_Data shown_:
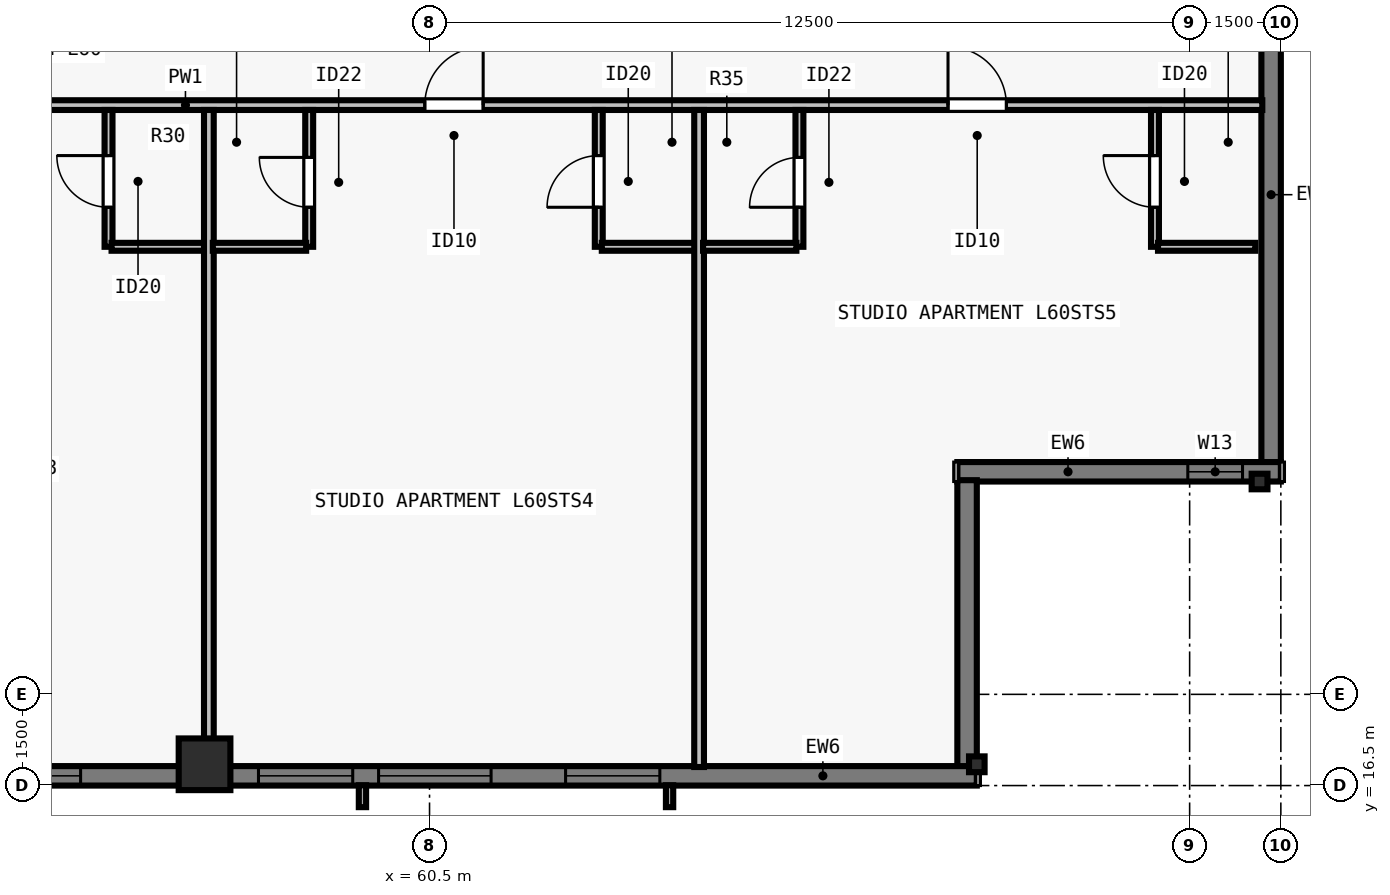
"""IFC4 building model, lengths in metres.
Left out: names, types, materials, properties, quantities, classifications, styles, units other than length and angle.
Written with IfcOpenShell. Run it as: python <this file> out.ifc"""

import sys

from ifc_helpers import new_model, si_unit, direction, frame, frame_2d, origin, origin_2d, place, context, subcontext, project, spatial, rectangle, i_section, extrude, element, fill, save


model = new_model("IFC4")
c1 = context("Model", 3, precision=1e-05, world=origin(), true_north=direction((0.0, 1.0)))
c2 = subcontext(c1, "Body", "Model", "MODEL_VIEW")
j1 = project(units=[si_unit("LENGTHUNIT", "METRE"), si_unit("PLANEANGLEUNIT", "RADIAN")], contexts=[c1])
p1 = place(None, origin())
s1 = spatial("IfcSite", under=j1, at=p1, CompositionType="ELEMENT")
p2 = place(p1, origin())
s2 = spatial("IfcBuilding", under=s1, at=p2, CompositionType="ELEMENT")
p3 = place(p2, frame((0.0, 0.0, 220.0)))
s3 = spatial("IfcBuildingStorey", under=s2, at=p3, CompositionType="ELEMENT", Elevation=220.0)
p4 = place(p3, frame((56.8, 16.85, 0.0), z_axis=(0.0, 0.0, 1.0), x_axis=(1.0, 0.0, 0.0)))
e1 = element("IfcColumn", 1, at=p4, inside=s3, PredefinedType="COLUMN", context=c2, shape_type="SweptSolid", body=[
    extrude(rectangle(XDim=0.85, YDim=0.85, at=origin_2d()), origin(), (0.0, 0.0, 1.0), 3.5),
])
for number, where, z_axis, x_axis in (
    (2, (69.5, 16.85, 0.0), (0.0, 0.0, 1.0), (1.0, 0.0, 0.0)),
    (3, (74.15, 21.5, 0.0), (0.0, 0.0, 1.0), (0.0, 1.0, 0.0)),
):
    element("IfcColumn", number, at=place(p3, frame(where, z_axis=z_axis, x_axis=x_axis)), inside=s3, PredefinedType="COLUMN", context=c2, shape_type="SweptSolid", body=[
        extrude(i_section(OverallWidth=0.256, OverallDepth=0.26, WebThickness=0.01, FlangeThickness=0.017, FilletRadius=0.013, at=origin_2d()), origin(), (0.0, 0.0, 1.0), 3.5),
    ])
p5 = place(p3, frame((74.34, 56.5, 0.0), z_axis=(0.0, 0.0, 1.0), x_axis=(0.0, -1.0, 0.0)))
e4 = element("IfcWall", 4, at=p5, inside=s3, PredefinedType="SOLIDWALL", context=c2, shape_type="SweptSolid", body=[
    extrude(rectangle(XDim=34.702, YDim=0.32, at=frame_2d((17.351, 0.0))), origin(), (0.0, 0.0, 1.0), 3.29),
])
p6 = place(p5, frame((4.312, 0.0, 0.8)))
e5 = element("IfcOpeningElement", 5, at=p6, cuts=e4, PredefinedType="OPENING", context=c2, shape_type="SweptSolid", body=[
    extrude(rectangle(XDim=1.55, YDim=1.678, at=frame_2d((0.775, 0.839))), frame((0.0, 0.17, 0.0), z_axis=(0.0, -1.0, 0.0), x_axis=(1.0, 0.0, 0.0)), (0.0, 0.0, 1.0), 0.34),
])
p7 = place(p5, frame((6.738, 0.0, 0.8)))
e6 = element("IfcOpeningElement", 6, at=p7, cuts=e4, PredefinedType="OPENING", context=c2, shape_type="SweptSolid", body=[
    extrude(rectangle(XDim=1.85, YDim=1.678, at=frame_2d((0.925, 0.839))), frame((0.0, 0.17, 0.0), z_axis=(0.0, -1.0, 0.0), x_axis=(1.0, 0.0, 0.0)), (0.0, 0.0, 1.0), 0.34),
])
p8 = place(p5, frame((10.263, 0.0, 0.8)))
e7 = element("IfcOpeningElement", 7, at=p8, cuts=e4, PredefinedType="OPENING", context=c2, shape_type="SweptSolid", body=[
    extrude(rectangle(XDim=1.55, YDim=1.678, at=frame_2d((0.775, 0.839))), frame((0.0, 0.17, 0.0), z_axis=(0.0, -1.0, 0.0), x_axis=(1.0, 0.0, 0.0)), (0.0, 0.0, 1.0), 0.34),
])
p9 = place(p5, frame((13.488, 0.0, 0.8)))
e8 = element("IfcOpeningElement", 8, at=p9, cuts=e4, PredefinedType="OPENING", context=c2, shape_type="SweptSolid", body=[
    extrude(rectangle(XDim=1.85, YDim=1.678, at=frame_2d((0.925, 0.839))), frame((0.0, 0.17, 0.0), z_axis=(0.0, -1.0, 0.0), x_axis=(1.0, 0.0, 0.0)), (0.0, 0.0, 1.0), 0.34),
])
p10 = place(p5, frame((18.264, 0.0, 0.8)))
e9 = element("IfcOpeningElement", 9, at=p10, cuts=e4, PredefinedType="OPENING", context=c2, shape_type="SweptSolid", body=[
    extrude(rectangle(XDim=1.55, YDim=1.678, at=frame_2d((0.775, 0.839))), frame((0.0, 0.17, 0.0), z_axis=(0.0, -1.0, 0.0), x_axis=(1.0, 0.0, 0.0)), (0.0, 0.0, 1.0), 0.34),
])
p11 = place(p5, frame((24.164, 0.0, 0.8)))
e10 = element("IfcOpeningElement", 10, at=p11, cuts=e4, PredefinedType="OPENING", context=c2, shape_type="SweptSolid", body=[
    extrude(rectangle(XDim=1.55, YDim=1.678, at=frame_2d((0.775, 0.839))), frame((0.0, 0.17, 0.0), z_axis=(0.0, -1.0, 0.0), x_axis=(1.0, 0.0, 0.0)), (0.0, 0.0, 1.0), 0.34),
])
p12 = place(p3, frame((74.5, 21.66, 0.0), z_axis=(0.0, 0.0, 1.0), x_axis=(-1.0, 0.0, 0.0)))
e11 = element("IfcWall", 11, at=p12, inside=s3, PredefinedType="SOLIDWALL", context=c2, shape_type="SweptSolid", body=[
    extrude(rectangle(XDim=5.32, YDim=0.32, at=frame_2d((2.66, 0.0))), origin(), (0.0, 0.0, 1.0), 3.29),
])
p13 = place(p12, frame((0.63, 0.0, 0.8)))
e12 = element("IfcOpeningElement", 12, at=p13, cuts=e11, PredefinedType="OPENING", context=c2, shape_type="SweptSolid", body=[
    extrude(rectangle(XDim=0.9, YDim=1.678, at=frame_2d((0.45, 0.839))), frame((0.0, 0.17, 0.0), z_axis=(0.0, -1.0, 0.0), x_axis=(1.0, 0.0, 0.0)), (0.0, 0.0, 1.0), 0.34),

_Exercise details_:
Copy out every line of the listing that contains the string "direction".

_Response to the task_:
from ifc_helpers import new_model, si_unit, direction, frame, frame_2d, origin, origin_2d, place, context, subcontext, project, spatial, rectangle, i_section, extrude, element, fill, save
c1 = context("Model", 3, precision=1e-05, world=origin(), true_north=direction((0.0, 1.0)))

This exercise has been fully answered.